╭─ Given entries
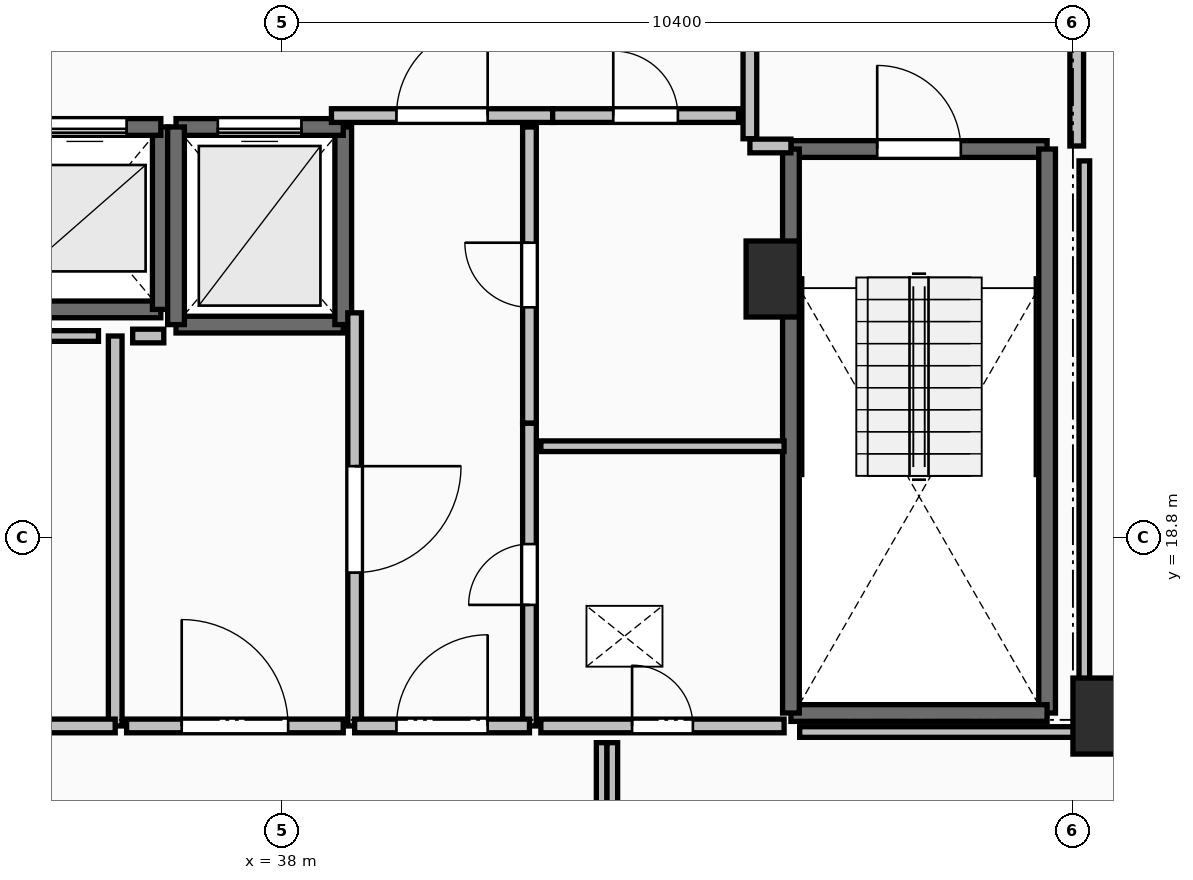
"""IFC4 building model, lengths in metres.
Left out: names, types, materials, properties, quantities, classifications, styles, units other than length and angle.
Written with IfcOpenShell. Run it as: python <this file> out.ifc"""

import sys

from ifc_helpers import new_model, si_unit, direction, frame, frame_2d, origin, origin_2d, place, context, subcontext, project, spatial, rectangle, extrude, element, fill, save


model = new_model("IFC4")
c1 = context("Model", 3, precision=1e-05, world=origin(), true_north=direction((0.0, 1.0)))
c2 = subcontext(c1, "Body", "Model", "MODEL_VIEW")
j1 = project(units=[si_unit("LENGTHUNIT", "METRE"), si_unit("PLANEANGLEUNIT", "RADIAN")], contexts=[c1])
p1 = place(None, origin())
s1 = spatial("IfcSite", under=j1, at=p1, CompositionType="ELEMENT")
p2 = place(p1, origin())
s2 = spatial("IfcBuilding", under=s1, at=p2, CompositionType="ELEMENT")
p3 = place(p2, frame((0.0, 0.0, 193.1)))
s3 = spatial("IfcBuildingStorey", under=s2, at=p3, CompositionType="ELEMENT", Elevation=193.1)
for number, where, z_axis, x_axis in (
    (1, (48.75, 16.45, 0.0), (0.0, 0.0, 1.0), (1.0, 0.0, 0.0)),
    (2, (44.45, 22.2, 0.0), (0.0, 0.0, 1.0), (1.0, 0.0, 0.0)),
):
    element("IfcColumn", number, at=place(p3, frame(where, z_axis=z_axis, x_axis=x_axis)), inside=s3, PredefinedType="PILASTER", context=c2, shape_type="SweptSolid", body=[
        extrude(rectangle(XDim=0.7, YDim=1.0, at=origin_2d()), origin(), (0.0, 0.0, 1.0), 3.5),
    ])
p4 = place(p3, frame((44.69, 23.91, 0.0), z_axis=(0.0, 0.0, 1.0), x_axis=(1.0, 0.0, 0.0)))
e3 = element("IfcWall", 3, at=p4, inside=s3, PredefinedType="SOLIDWALL", context=c2, shape_type="SweptSolid", body=[
    extrude(rectangle(XDim=3.37, YDim=0.22, at=frame_2d((1.685, 0.0))), origin(), (0.0, 0.0, 1.0), 3.24),
])
p5 = place(p4, frame((1.135, 0.0, 0.0)))
e4 = element("IfcOpeningElement", 4, at=p5, cuts=e3, PredefinedType="OPENING", context=c2, shape_type="SweptSolid", body=[
    extrude(rectangle(XDim=1.1, YDim=2.15, at=frame_2d((0.55, 1.075))), frame((0.0, 0.125, 0.0), z_axis=(0.0, -1.0, 0.0), x_axis=(1.0, 0.0, 0.0)), (0.0, 0.0, 1.0), 0.25),
])
p6 = place(p3, frame((48.06, 23.91, 0.0), z_axis=(0.0, 0.0, 1.0), x_axis=(0.0, -1.0, 0.0)))
e5 = element("IfcWall", 5, at=p6, inside=s3, PredefinedType="SOLIDWALL", context=c2, shape_type="SweptSolid", body=[
    extrude(rectangle(XDim=7.42, YDim=0.22, at=frame_2d((3.71, 0.0))), origin(), (0.0, 0.0, 1.0), 3.24),
])
p7 = place(p3, frame((48.06, 16.49, 0.0), z_axis=(0.0, 0.0, 1.0), x_axis=(-1.0, 0.0, 0.0)))
e6 = element("IfcWall", 6, at=p7, inside=s3, PredefinedType="SOLIDWALL", context=c2, shape_type="SweptSolid", body=[
    extrude(rectangle(XDim=3.37, YDim=0.22, at=frame_2d((1.685, 0.0))), origin(), (0.0, 0.0, 1.0), 3.24),
])
p8 = place(p3, frame((44.69, 16.49, 0.0), z_axis=(0.0, 0.0, 1.0), x_axis=(0.0, 1.0, 0.0)))
e7 = element("IfcWall", 7, at=p8, inside=s3, PredefinedType="SOLIDWALL", context=c2, shape_type="SweptSolid", body=[
    extrude(rectangle(XDim=7.42, YDim=0.22, at=frame_2d((3.71, 0.0))), origin(), (0.0, 0.0, 1.0), 3.24),
])
p9 = place(p3, frame((34.4, 21.8, 0.0), z_axis=(0.0, 0.0, 1.0), x_axis=(1.0, 0.0, 0.0)))
e8 = element("IfcWall", 8, at=p9, inside=s3, PredefinedType="SOLIDWALL", context=c2, shape_type="SweptSolid", body=[
    extrude(rectangle(XDim=2.0, YDim=0.22, at=frame_2d((1.0, 0.0))), origin(), (0.0, 0.0, 1.0), 3.24),
])
p10 = place(p3, frame((36.4, 21.8, 0.0), z_axis=(0.0, 0.0, 1.0), x_axis=(0.0, 1.0, 0.0)))
e9 = element("IfcWall", 9, at=p10, inside=s3, PredefinedType="SOLIDWALL", context=c2, shape_type="SweptSolid", body=[
    extrude(rectangle(XDim=2.4, YDim=0.22, at=frame_2d((1.2, 0.0))), origin(), (0.0, 0.0, 1.0), 3.24),
])
p11 = place(p3, frame((36.4, 24.2, 0.0), z_axis=(0.0, 0.0, 1.0), x_axis=(-1.0, 0.0, 0.0)))
e10 = element("IfcWall", 10, at=p11, inside=s3, PredefinedType="SOLIDWALL", context=c2, shape_type="SweptSolid", body=[
    extrude(rectangle(XDim=2.0, YDim=0.22, at=frame_2d((1.0, 0.0))), origin(), (0.0, 0.0, 1.0), 3.24),
])
p12 = place(p11, frame((0.45, 0.0, 0.0)))
e11 = element("IfcOpeningElement", 11, at=p12, cuts=e10, PredefinedType="OPENING", context=c2, shape_type="SweptSolid", body=[
    extrude(rectangle(XDim=1.1, YDim=2.2, at=frame_2d((0.55, 1.1))), frame((0.0, 0.125, 0.0), z_axis=(0.0, -1.0, 0.0), x_axis=(1.0, 0.0, 0.0)), (0.0, 0.0, 1.0), 0.25),
])
p13 = place(p3, frame((36.6, 21.6, 0.0), z_axis=(0.0, 0.0, 1.0), x_axis=(1.0, 0.0, 0.0)))
e12 = element("IfcWall", 12, at=p13, inside=s3, PredefinedType="SOLIDWALL", context=c2, shape_type="SweptSolid", body=[
    extrude(rectangle(XDim=2.2, YDim=0.22, at=frame_2d((1.1, 0.0))), origin(), (0.0, 0.0, 1.0), 3.24),
])
p14 = place(p3, frame((38.8, 21.6, 0.0), z_axis=(0.0, 0.0, 1.0), x_axis=(0.0, 1.0, 0.0)))
e13 = element("IfcWall", 13, at=p14, inside=s3, PredefinedType="SOLIDWALL", context=c2, shape_type="SweptSolid", body=[
    extrude(rectangle(XDim=2.6, YDim=0.22, at=frame_2d((1.3, 0.0))), origin(), (0.0, 0.0, 1.0), 3.24),
])
p15 = place(p3, frame((38.8, 24.2, 0.0), z_axis=(0.0, 0.0, 1.0), x_axis=(-1.0, 0.0, 0.0)))
e14 = element("IfcWall", 14, at=p15, inside=s3, PredefinedType="SOLIDWALL", context=c2, shape_type="SweptSolid", body=[
    extrude(rectangle(XDim=2.2, YDim=0.22, at=frame_2d((1.1, 0.0))), origin(), (0.0, 0.0, 1.0), 3.24),
])
p16 = place(p15, frame((0.55, 0.0, 0.0)))
e15 = element("IfcOpeningElement", 15, at=p16, cuts=e14, PredefinedType="OPENING", context=c2, shape_type="SweptSolid", body=[
    extrude(rectangle(XDim=1.1, YDim=2.2, at=frame_2d((0.55, 1.1))), frame((0.0, 0.125, 0.0), z_axis=(0.0, -1.0, 0.0), x_axis=(1.0, 0.0, 0.0)), (0.0, 0.0, 1.0), 0.25),
])
p17 = place(p3, frame((36.6, 24.2, 0.0), z_axis=(0.0, 0.0, 1.0), x_axis=(0.0, -1.0, 0.0)))
e16 = element("IfcWall", 16, at=p17, inside=s3, PredefinedType="SOLIDWALL", context=c2, shape_type="SweptSolid", body=[
    extrude(rectangle(XDim=2.6, YDim=0.22, at=frame_2d((1.3, 0.0))), origin(), (0.0, 0.0, 1.0), 3.24),
])
p18 = place(p3, frame((44.15, 27.955, 0.0), z_axis=(0.0, 0.0, 1.0), x_axis=(0.0, -1.0, 0.0)))
e17 = element("IfcWall", 17, at=p18, inside=s3, PredefinedType="PARTITIONING", context=c2, shape_type="SweptSolid", body=[
    extrude(rectangle(XDim=3.91, YDim=0.18, at=frame_2d((1.955, 0.0))), origin(), (0.0, 0.0, 1.0), 3.24),
])
p19 = place(p18, frame((1.355, 0.0, 0.0)))
e18 = element("IfcOpeningElement", 18, at=p19, cuts=e17, PredefinedType="OPENING", context=c2, shape_type="SweptSolid", body=[
    extrude(rectangle(XDim=1.2, YDim=2.15, at=frame_2d((0.6, 1.075))), frame((0.0, 0.105, 0.0), z_axis=(0.0, -1.0, 0.0), x_axis=(1.0, 0.0, 0.0)), (0.0, 0.0, 1.0), 0.21),
])
p20 = place(p3, frame((44.15, 23.95, 0.0), z_axis=(0.0, 0.0, 1.0), x_axis=(1.0, 0.0, 0.0)))
e19 = element("IfcWall", 19, at=p20, inside=s3, PredefinedType="PARTITIONING", context=c2, shape_type="SweptSolid", body=[
    extrude(rectangle(XDim=0.54, YDim=0.18, at=frame_2d((0.27, 0.0))), origin(), (0.0, 0.0, 1.0), 3.24),
])
p21 = place(p3, frame((48.45, 23.95, 0.0), z_axis=(0.0, 0.0, 1.0), x_axis=(0.0, 1.0, 0.0)))
e20 = element("IfcWall", 20, at=p21, inside=s3, PredefinedType="PARTITIONING", context=c2, shape_type="SweptSolid", body=[
    extrude(rectangle(XDim=4.05, YDim=0.18, at=frame_2d((2.025, 0.0))), origin(), (0.0, 0.0, 1.0), 3.24),
])
p22 = place(p21, frame((1.425, 0.0, 0.0)))
e21 = element("IfcOpeningElement", 21, at=p22, cuts=e20, PredefinedType="OPENING", context=c2, shape_type="SweptSolid", body=[
    extrude(rectangle(XDim=1.2, YDim=2.15, at=frame_2d((0.6, 1.075))), frame((0.0, 0.105, 0.0), z_axis=(0.0, -1.0, 0.0), x_axis=(1.0, 0.0, 0.0)), (0.0, 0.0, 1.0), 0.21),
])
p23 = place(p3, frame((38.645, 24.35, 0.0), z_axis=(0.0, 0.0, 1.0), x_axis=(1.0, 0.0, 0.0)))
e22 = element("IfcWall", 22, at=p23, inside=s3, PredefinedType="PARTITIONING", context=c2, shape_type="SweptSolid", body=[
    extrude(rectangle(XDim=2.91, YDim=0.18, at=frame_2d((1.455, 0.0))), origin(), (0.0, 0.0, 1.0), 3.24),
])
p24 = place(p23, frame((0.855, 0.0, 0.0)))
e23 = element("IfcOpeningElement", 23, at=p24, cuts=e22, PredefinedType="OPENING", context=c2, shape_type="SweptSolid", body=[
    extrude(rectangle(XDim=1.2, YDim=2.15, at=frame_2d((0.6, 1.075))), frame((0.0, 0.105, 0.0), z_axis=(0.0, -1.0, 0.0), x_axis=(1.0, 0.0, 0.0)), (0.0, 0.0, 1.0), 0.21),
])
p25 = place(p3, frame((41.555, 24.35, 0.0), z_axis=(0.0, 0.0, 1.0), x_axis=(1.0, 0.0, 0.0)))
e24 = element("IfcWall", 24, at=p25, inside=s3, PredefinedType="PARTITIONING", context=c2, shape_type="SweptSolid", body=[
    extrude(rectangle(XDim=2.445, YDim=0.18, at=frame_2d((1.223, 0.0))), origin(), (0.0, 0.0, 1.0), 3.24),
])
p26 = place(p25, frame((0.798, 0.0, 0.0)))
e25 = element("IfcOpeningElement", 25, at=p26, cuts=e24, PredefinedType="OPENING", context=c2, shape_type="SweptSolid", body=[
    extrude(rectangle(XDim=0.85, YDim=2.1, at=frame_2d((0.425, 1.05))), frame((0.0, 0.105, 0.0), z_axis=(0.0, -1.0, 0.0), x_axis=(1.0, 0.0, 0.0)), (0.0, 0.0, 1.0), 0.21),
])
p27 = place(p3, frame((41.25, 16.32, 0.0), z_axis=(0.0, 0.0, 1.0), x_axis=(0.0, 1.0, 0.0)))
e26 = element("IfcWall", 26, at=p27, inside=s3, PredefinedType="PARTITIONING", context=c2, shape_type="SweptSolid", body=[
    extrude(rectangle(XDim=3.985, YDim=0.18, at=frame_2d((1.992, 0.0))), origin(), (0.0, 0.0, 1.0), 3.24),
])
p28 = place(p27, frame((1.593, 0.0, 0.0)))
e27 = element("IfcOpeningElement", 27, at=p28, cuts=e26, PredefinedType="OPENING", context=c2, shape_type="SweptSolid", body=[
    extrude(rectangle(XDim=0.8, YDim=2.05, at=frame_2d((0.4, 1.025))), frame((0.0, 0.105, 0.0), z_axis=(0.0, -1.0, 0.0), x_axis=(1.0, 0.0, 0.0)), (0.0, 0.0, 1.0), 0.21),
])
p29 = place(p3, frame((41.25, 20.305, 0.0), z_axis=(0.0, 0.0, 1.0), x_axis=(0.0, 1.0, 0.0)))
e28 = element("IfcWall", 28, at=p29, inside=s3, PredefinedType="PARTITIONING", context=c2, shape_type="SweptSolid", body=[
    extrude(rectangle(XDim=3.895, YDim=0.18, at=frame_2d((1.948, 0.0))), origin(), (0.0, 0.0, 1.0), 3.24),
])
p30 = place(p29, frame((1.522, 0.0, 0.0)))
e29 = element("IfcOpeningElement", 29, at=p30, cuts=e28, PredefinedType="OPENING", context=c2, shape_type="SweptSolid", body=[
    extrude(rectangle(XDim=0.85, YDim=2.1, at=frame_2d((0.425, 1.05))), frame((0.0, 0.105, 0.0), z_axis=(0.0, -1.0, 0.0), x_axis=(1.0, 0.0, 0.0)), (0.0, 0.0, 1.0), 0.21),
])
p31 = place(p3, frame((38.95, 21.755, 0.0), z_axis=(0.0, 0.0, 1.0), x_axis=(0.0, -1.0, 0.0)))
e30 = element("IfcWall", 30, at=p31, inside=s3, PredefinedType="PARTITIONING", context=c2, shape_type="SweptSolid", body=[
    extrude(rectangle(XDim=5.435, YDim=0.18, at=frame_2d((2.717, 0.0))), origin(), (0.0, 0.0, 1.0), 3.24),
])
p32 = place(p31, frame((2.018, 0.0, 0.0)))
e31 = element("IfcOpeningElement", 31, at=p32, cuts=e30, PredefinedType="OPENING", context=c2, shape_type="SweptSolid", body=[
    extrude(rectangle(XDim=1.4, YDim=2.2, at=frame_2d((0.7, 1.1))), frame((0.0, 0.105, 0.0), z_axis=(0.0, -1.0, 0.0), x_axis=(1.0, 0.0, 0.0)), (0.0, 0.0, 1.0), 0.21),
])
p33 = place(p3, frame((38.95, 16.32, 0.0), z_axis=(0.0, 0.0, 1.0), x_axis=(1.0, 0.0, 0.0)))
e32 = element("IfcWall", 32, at=p33, inside=s3, PredefinedType="PARTITIONING", context=c2, shape_type="SweptSolid", body=[
    extrude(rectangle(XDim=2.3, YDim=0.18, at=frame_2d((1.15, 0.0))), origin(), (0.0, 0.0, 1.0), 3.24),
])
p34 = place(p33, frame((0.55, 0.0, 0.0)))
e33 = element("IfcOpeningElement", 33, at=p34, cuts=e32, PredefinedType="OPENING", context=c2, shape_type="SweptSolid", body=[
    extrude(rectangle(XDim=1.2, YDim=2.15, at=frame_2d((0.6, 1.075))), frame((0.0, 0.105, 0.0), z_axis=(0.0, -1.0, 0.0), x_axis=(1.0, 0.0, 0.0)), (0.0, 0.0, 1.0), 0.21),
])
p35 = place(p3, frame((44.6, 20.0, 0.0), z_axis=(0.0, 0.0, 1.0), x_axis=(-1.0, 0.0, 0.0)))
e34 = element("IfcWall", 34, at=p35, inside=s3, PredefinedType="PARTITIONING", context=c2, shape_type="SweptSolid", body=[
    extrude(rectangle(XDim=3.2, YDim=0.14, at=frame_2d((1.6, 0.0))), origin(), (0.0, 0.0, 1.0), 3.24),
])
p36 = place(p3, frame((41.4, 16.32, 0.0), z_axis=(0.0, 0.0, 1.0), x_axis=(1.0, 0.0, 0.0)))
e35 = element("IfcWall", 35, at=p36, inside=s3, PredefinedType="PARTITIONING", context=c2, shape_type="SweptSolid", body=[
    extrude(rectangle(XDim=3.2, YDim=0.18, at=frame_2d((1.6, 0.0))), origin(), (0.0, 0.0, 1.0), 3.24),
])
p37 = place(p36, frame((1.2, 0.0, 0.0)))
e36 = element("IfcOpeningElement", 36, at=p37, cuts=e35, PredefinedType="OPENING", context=c2, shape_type="SweptSolid", body=[
    extrude(rectangle(XDim=0.8, YDim=2.05, at=frame_2d((0.4, 1.025))), frame((0.0, 0.105, 0.0), z_axis=(0.0, -1.0, 0.0), x_axis=(1.0, 0.0, 0.0)), (0.0, 0.0, 1.0), 0.21),
])
p38 = place(p3, frame((35.8, 16.32, 0.0), z_axis=(0.0, 0.0, 1.0), x_axis=(0.0, 1.0, 0.0)))
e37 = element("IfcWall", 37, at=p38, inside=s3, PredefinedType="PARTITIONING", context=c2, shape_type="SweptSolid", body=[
╰─
Problem details => Count the lines of the data that hold the word "CompositionType". Report the count and nothing more.

Solution to the problem => 3